• _What the task requires_
Among the lines below, list those containing the string "import".

(Saved entries)
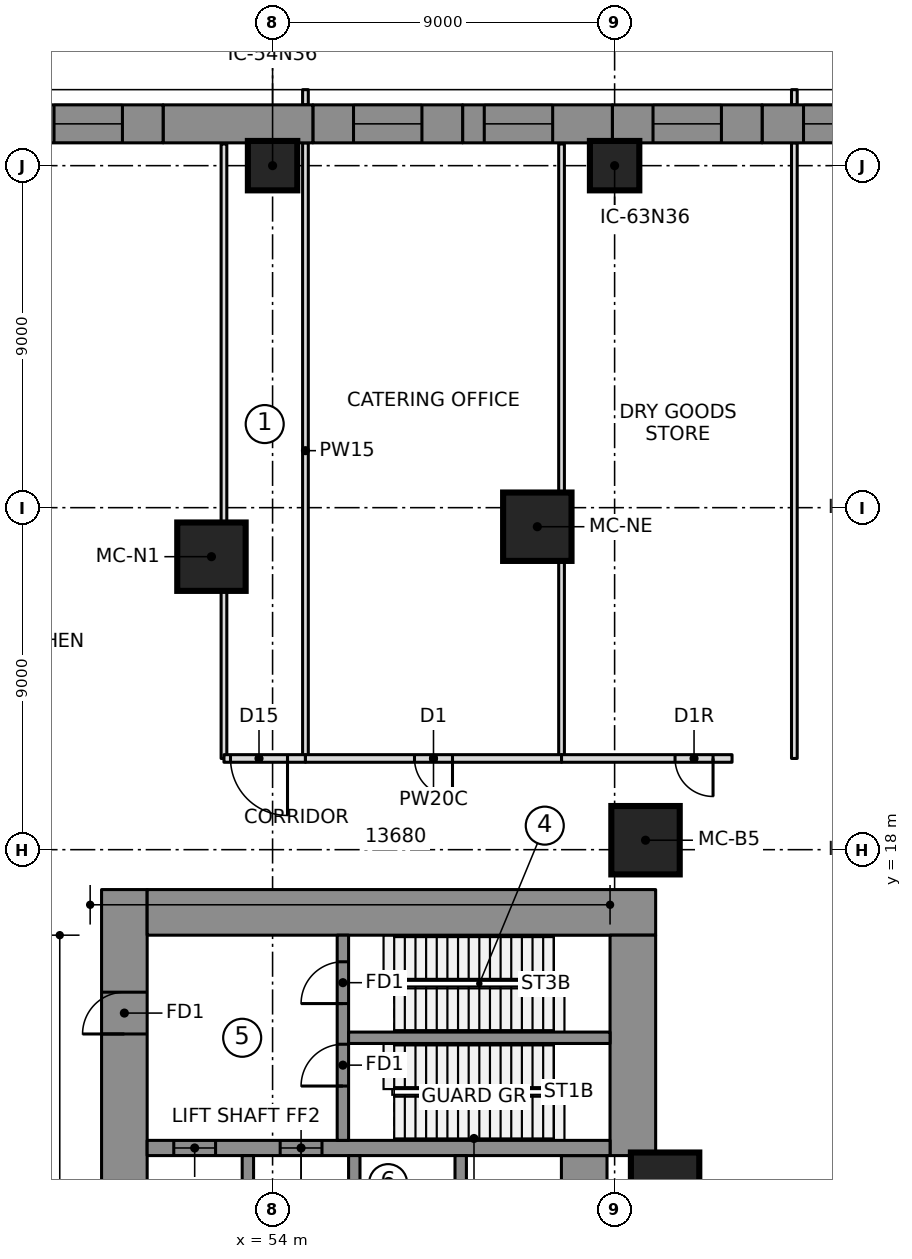
"""IFC4 building model, lengths in metres.
Left out: names, types, materials, properties, quantities, classifications, styles, units other than length and angle.
Written with IfcOpenShell. Run it as: python <this file> out.ifc"""

import sys

from ifc_helpers import new_model, si_unit, direction, frame, frame_2d, origin, origin_2d, place, context, subcontext, project, spatial, polyline, rectangle, outline, extrude, element, fill, save


model = new_model("IFC4")
c1 = context("Model", 3, precision=1e-05, world=origin(), true_north=direction((0.0, 1.0)))
c2 = subcontext(c1, "Body", "Model", "MODEL_VIEW")
j1 = project(units=[si_unit("LENGTHUNIT", "METRE"), si_unit("PLANEANGLEUNIT", "RADIAN")], contexts=[c1])
p1 = place(None, origin())
s1 = spatial("IfcSite", under=j1, at=p1, CompositionType="ELEMENT")
p2 = place(p1, origin())
s2 = spatial("IfcBuilding", under=s1, at=p2, CompositionType="ELEMENT")
p3 = place(p2, frame((0.0, 0.0, 13.5)))
s3 = spatial("IfcBuildingStorey", under=s2, at=p3, CompositionType="ELEMENT", Elevation=13.5)
p4 = place(p3, frame((50.1, 6.65, 0.0), z_axis=(0.0, 0.0, 1.0), x_axis=(0.0, 1.0, 0.0)))
e1 = element("IfcWall", 1, at=p4, inside=s3, PredefinedType="SHEAR", context=c2, shape_type="SweptSolid", body=[
    extrude(rectangle(XDim=10.3, YDim=1.2, at=frame_2d((5.15, 0.0))), origin(), (0.0, 0.0, 1.0), 5.5),
])
p5 = place(p4, frame((6.5, 0.0, 0.0)))
e2 = element("IfcOpeningElement", 2, at=p5, cuts=e1, PredefinedType="OPENING", context=c2, shape_type="SweptSolid", body=[
    extrude(rectangle(XDim=1.1, YDim=2.1, at=frame_2d((0.55, 1.05))), frame((0.0, 0.61, 0.0), z_axis=(0.0, -1.0, 0.0), x_axis=(1.0, 0.0, 0.0)), (0.0, 0.0, 1.0), 1.22),
])
p6 = place(p3, frame((50.7, 16.35, 0.0), z_axis=(0.0, 0.0, 1.0), x_axis=(1.0, 0.0, 0.0)))
e3 = element("IfcWall", 3, at=p6, inside=s3, PredefinedType="SHEAR", context=c2, shape_type="SweptSolid", body=[
    extrude(rectangle(XDim=13.38, YDim=1.2, at=frame_2d((6.69, 0.0))), origin(), (0.0, 0.0, 1.0), 5.5),
])
p7 = place(p3, frame((63.48, 9.95, 0.0), z_axis=(0.0, 0.0, 1.0), x_axis=(0.0, 1.0, 0.0)))
e4 = element("IfcWall", 4, at=p7, inside=s3, PredefinedType="SHEAR", context=c2, shape_type="SweptSolid", body=[
    extrude(rectangle(XDim=5.8, YDim=1.2, at=frame_2d((2.9, 0.0))), origin(), (0.0, 0.0, 1.0), 5.5),
])
p8 = place(p3, frame((62.2, -9.95, 0.0), z_axis=(0.0, 0.0, 1.0), x_axis=(0.0, 1.0, 0.0)))
e5 = element("IfcWall", 5, at=p8, inside=s3, PredefinedType="SHEAR", context=c2, shape_type="SweptSolid", body=[
    extrude(rectangle(XDim=19.9, YDim=1.2, at=frame_2d((9.95, 0.0))), origin(), (0.0, 0.0, 1.0), 5.5),
])
p9 = place(p3, frame((50.7, 10.15, 0.0), z_axis=(0.0, 0.0, 1.0), x_axis=(1.0, 0.0, 0.0)))
e6 = element("IfcWall", 6, at=p9, inside=s3, PredefinedType="SHEAR", context=c2, shape_type="SweptSolid", body=[
    extrude(rectangle(XDim=12.18, YDim=0.4, at=frame_2d((6.09, 0.0))), origin(), (0.0, 0.0, 1.0), 5.5),
])
p10 = place(p9, frame((0.7, 0.0, 0.0)))
e7 = element("IfcOpeningElement", 7, at=p10, cuts=e6, PredefinedType="OPENING", context=c2, shape_type="SweptSolid", body=[
    extrude(rectangle(XDim=1.1, YDim=2.1, at=frame_2d((0.55, 1.05))), frame((0.0, 0.21, 0.0), z_axis=(0.0, -1.0, 0.0), x_axis=(1.0, 0.0, 0.0)), (0.0, 0.0, 1.0), 0.42),
])
p11 = place(p9, frame((3.5, 0.0, 0.0)))
e8 = element("IfcOpeningElement", 8, at=p11, cuts=e6, PredefinedType="OPENING", context=c2, shape_type="SweptSolid", body=[
    extrude(rectangle(XDim=1.1, YDim=2.1, at=frame_2d((0.55, 1.05))), frame((0.0, 0.21, 0.0), z_axis=(0.0, -1.0, 0.0), x_axis=(1.0, 0.0, 0.0)), (0.0, 0.0, 1.0), 0.42),
])
for number, where, z_axis, x_axis in (
    (9, (53.35, 6.95, 0.0), (0.0, 0.0, 1.0), (0.0, 1.0, 0.0)),
    (10, (56.15, 6.95, 0.0), (0.0, 0.0, 1.0), (0.0, 1.0, 0.0)),
    (11, (58.95, 6.95, 0.0), (0.0, 0.0, 1.0), (0.0, 1.0, 0.0)),
):
    element("IfcWall", number, at=place(p3, frame(where, z_axis=z_axis, x_axis=x_axis)), inside=s3, PredefinedType="SHEAR", context=c2, shape_type="SweptSolid", body=[
        extrude(rectangle(XDim=3.0, YDim=0.3, at=frame_2d((1.5, 0.0))), origin(), (0.0, 0.0, 1.0), 5.5),
    ])
p12 = place(p3, frame((55.85, 10.35, 0.0), z_axis=(0.0, 0.0, 1.0), x_axis=(0.0, 1.0, 0.0)))
e12 = element("IfcWall", 12, at=p12, inside=s3, PredefinedType="SHEAR", context=c2, shape_type="SweptSolid", body=[
    extrude(rectangle(XDim=5.4, YDim=0.3, at=frame_2d((2.7, 0.0))), origin(), (0.0, 0.0, 1.0), 5.5),
])
p13 = place(p12, frame((1.43, 0.0, 0.0)))
e13 = element("IfcOpeningElement", 13, at=p13, cuts=e12, PredefinedType="OPENING", context=c2, shape_type="SweptSolid", body=[
    extrude(rectangle(XDim=1.1, YDim=2.1, at=frame_2d((0.55, 1.05))), frame((0.0, 0.16, 0.0), z_axis=(0.0, -1.0, 0.0), x_axis=(1.0, 0.0, 0.0)), (0.0, 0.0, 1.0), 0.32),
])
p14 = place(p12, frame((3.6, 0.0, 0.0)))
e14 = element("IfcOpeningElement", 14, at=p14, cuts=e12, PredefinedType="OPENING", context=c2, shape_type="SweptSolid", body=[
    extrude(rectangle(XDim=1.1, YDim=2.1, at=frame_2d((0.55, 1.05))), frame((0.0, 0.16, 0.0), z_axis=(0.0, -1.0, 0.0), x_axis=(1.0, 0.0, 0.0)), (0.0, 0.0, 1.0), 0.32),
])
p15 = place(p3, frame((56.0, 13.05, 0.0), z_axis=(0.0, 0.0, 1.0), x_axis=(1.0, 0.0, 0.0)))
e15 = element("IfcWall", 15, at=p15, inside=s3, PredefinedType="SHEAR", context=c2, shape_type="SweptSolid", body=[
    extrude(rectangle(XDim=6.88, YDim=0.3, at=frame_2d((3.44, 0.0))), origin(), (0.0, 0.0, 1.0), 5.5),
])
for number, where, z_axis, x_axis in (
    (16, (64.328, 9.131, 0.0), (0.0, 0.0, 1.0), (1.0, 0.0, 0.0)),
    (17, (63.813, 18.249, 0.0), (0.0, 0.0, 1.0), (1.0, 0.0, 0.0)),
    (18, (60.966, 26.499, 0.0), (0.0, 0.0, 1.0), (1.0, 0.0, 0.0)),
    (19, (52.392, 25.71, 0.0), (0.0, 0.0, 1.0), (1.0, 0.0, 0.0)),
):
    element("IfcColumn", number, at=place(p3, frame(where, z_axis=z_axis, x_axis=x_axis)), inside=s3, PredefinedType="COLUMN", context=c2, shape_type="SweptSolid", body=[
        extrude(rectangle(XDim=1.8, YDim=1.8, at=origin_2d()), origin(), (0.0, 0.0, 1.0), 5.5),
    ])
for number, where, z_axis, x_axis in (
    (20, (54.0, 36.0, 0.0), (0.0, 0.0, 1.0), (1.0, 0.0, 0.0)),
    (21, (63.0, 36.0, 0.0), (0.0, 0.0, 1.0), (1.0, 0.0, 0.0)),
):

• _Answer to this exercise_
import sys
from ifc_helpers import new_model, si_unit, direction, frame, frame_2d, origin, origin_2d, place, context, subcontext, project, spatial, polyline, rectangle, outline, extrude, element, fill, save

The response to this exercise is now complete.